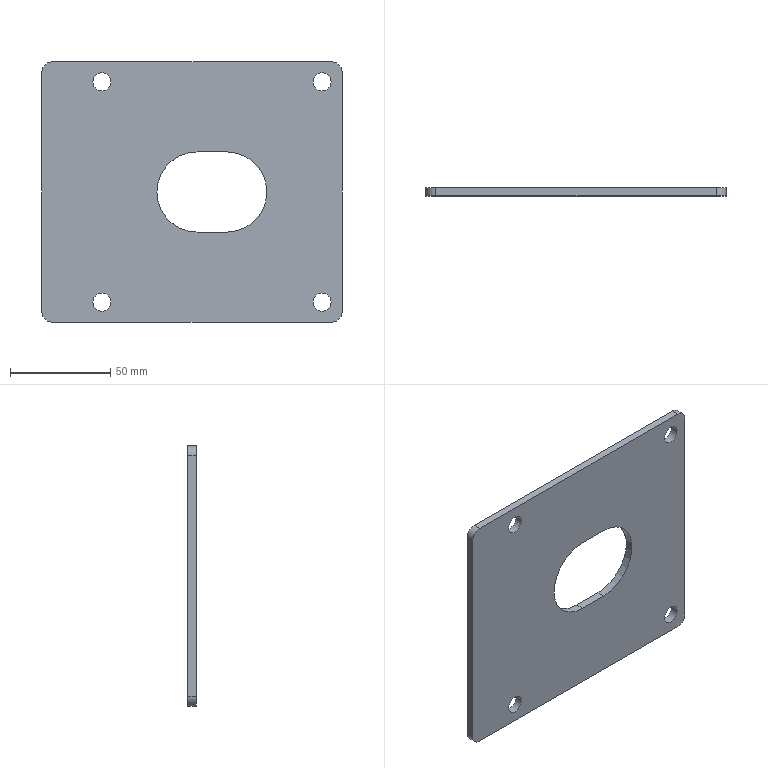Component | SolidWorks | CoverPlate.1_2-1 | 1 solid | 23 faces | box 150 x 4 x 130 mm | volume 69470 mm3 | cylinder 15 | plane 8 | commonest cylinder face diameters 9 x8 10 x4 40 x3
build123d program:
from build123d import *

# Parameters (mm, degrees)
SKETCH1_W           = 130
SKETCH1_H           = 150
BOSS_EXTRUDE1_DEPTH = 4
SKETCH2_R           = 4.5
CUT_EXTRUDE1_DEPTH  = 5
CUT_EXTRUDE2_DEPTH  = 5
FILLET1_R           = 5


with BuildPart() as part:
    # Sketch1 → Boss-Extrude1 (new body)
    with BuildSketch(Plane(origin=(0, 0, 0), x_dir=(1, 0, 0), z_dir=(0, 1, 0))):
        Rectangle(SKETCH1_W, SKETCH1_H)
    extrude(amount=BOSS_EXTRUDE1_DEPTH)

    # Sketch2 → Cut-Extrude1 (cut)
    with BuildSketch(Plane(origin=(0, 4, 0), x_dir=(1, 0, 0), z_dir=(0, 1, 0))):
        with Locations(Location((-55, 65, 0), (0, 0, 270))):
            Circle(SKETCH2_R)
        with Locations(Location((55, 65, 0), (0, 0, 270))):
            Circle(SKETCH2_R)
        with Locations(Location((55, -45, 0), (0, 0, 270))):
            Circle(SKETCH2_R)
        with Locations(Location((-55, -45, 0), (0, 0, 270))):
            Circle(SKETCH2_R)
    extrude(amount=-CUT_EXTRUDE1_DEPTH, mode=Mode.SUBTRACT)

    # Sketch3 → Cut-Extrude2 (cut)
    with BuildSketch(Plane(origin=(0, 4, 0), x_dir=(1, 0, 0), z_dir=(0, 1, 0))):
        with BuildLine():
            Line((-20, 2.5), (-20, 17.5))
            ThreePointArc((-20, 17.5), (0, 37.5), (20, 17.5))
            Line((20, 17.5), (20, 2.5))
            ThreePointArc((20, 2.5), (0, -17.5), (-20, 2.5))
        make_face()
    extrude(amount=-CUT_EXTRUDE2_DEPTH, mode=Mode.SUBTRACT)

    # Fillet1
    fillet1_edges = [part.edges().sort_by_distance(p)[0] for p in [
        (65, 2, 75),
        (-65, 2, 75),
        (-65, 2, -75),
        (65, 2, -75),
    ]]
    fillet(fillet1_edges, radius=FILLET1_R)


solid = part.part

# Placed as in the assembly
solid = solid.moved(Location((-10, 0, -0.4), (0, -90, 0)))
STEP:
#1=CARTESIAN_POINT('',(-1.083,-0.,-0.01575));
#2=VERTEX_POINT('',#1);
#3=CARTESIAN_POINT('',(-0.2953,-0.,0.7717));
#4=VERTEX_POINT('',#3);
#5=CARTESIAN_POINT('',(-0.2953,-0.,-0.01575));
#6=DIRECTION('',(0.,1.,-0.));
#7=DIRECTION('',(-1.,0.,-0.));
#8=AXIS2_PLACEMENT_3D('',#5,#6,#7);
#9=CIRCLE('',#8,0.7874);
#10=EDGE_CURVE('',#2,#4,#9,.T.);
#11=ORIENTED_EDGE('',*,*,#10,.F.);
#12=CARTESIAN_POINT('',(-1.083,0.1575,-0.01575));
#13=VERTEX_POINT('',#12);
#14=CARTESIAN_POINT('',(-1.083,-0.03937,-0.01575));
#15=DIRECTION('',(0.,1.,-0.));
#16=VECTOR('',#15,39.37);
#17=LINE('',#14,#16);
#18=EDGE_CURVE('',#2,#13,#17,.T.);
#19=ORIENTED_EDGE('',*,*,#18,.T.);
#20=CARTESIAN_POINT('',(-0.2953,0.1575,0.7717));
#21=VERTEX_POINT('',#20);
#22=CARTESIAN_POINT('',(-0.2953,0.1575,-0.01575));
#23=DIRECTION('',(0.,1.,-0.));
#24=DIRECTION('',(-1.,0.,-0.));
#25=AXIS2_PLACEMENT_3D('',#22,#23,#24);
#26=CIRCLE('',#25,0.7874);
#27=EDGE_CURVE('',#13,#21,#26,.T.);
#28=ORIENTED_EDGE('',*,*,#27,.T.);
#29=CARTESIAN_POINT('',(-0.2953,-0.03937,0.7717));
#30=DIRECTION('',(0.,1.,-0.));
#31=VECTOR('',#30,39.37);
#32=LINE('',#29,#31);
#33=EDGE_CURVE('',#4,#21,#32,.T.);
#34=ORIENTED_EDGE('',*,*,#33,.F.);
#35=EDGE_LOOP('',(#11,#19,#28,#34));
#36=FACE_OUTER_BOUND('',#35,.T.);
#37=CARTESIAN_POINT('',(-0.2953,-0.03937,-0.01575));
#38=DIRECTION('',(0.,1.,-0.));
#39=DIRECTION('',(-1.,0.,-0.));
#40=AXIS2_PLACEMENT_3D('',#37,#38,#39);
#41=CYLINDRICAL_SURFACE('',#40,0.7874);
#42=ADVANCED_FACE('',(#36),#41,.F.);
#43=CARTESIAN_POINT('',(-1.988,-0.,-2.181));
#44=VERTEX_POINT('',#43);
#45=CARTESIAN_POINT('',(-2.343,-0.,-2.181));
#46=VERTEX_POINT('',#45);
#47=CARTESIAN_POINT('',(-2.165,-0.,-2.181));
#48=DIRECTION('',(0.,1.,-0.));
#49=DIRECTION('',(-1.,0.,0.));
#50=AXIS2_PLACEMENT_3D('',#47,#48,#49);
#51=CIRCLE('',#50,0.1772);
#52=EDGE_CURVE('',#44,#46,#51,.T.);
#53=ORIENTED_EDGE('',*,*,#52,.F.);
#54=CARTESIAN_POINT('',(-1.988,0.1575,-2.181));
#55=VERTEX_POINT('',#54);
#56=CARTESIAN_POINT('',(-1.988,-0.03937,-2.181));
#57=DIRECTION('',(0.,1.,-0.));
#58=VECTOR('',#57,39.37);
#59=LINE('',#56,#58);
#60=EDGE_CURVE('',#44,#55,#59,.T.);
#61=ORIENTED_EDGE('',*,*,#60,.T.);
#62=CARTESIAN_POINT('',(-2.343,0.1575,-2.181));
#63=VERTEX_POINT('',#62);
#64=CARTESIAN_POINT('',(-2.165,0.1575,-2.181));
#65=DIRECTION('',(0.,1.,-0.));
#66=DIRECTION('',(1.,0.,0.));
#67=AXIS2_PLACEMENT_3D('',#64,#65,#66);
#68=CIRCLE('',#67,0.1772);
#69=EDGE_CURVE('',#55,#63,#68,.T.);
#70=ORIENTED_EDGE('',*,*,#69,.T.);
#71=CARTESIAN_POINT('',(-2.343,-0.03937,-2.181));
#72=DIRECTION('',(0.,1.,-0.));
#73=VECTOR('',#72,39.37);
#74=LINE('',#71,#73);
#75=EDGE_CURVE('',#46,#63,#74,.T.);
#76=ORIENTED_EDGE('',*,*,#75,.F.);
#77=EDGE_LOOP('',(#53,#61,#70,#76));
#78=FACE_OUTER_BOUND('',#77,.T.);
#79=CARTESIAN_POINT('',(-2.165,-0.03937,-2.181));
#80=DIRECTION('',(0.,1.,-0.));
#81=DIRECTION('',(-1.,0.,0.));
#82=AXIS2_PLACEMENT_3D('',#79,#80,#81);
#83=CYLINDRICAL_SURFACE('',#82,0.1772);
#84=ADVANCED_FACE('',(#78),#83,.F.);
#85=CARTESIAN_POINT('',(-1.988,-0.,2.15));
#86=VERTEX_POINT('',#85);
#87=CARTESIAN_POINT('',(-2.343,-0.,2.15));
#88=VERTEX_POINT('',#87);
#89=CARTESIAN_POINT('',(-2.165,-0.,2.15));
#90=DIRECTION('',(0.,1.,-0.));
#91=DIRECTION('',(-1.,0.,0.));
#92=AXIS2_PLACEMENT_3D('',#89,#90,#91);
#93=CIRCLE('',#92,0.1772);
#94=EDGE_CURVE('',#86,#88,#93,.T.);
· · · ·
Exercise directions:
Leaving every picture behind, retype the entries above exactly, from the first line through the line with "# Sketch2 → Cut-Extrude1 (cut)", and stop there.

Response:
Component | SolidWorks | CoverPlate.1_2-1 | 1 solid | 23 faces | box 150 x 4 x 130 mm | volume 69470 mm3 | cylinder 15 | plane 8 | commonest cylinder face diameters 9 x8 10 x4 40 x3
build123d program:
from build123d import *

# Parameters (mm, degrees)
SKETCH1_W           = 130
SKETCH1_H           = 150
BOSS_EXTRUDE1_DEPTH = 4
SKETCH2_R           = 4.5
CUT_EXTRUDE1_DEPTH  = 5
CUT_EXTRUDE2_DEPTH  = 5
FILLET1_R           = 5


with BuildPart() as part:
    # Sketch1 → Boss-Extrude1 (new body)
    with BuildSketch(Plane(origin=(0, 0, 0), x_dir=(1, 0, 0), z_dir=(0, 1, 0))):
        Rectangle(SKETCH1_W, SKETCH1_H)
    extrude(amount=BOSS_EXTRUDE1_DEPTH)

    # Sketch2 → Cut-Extrude1 (cut)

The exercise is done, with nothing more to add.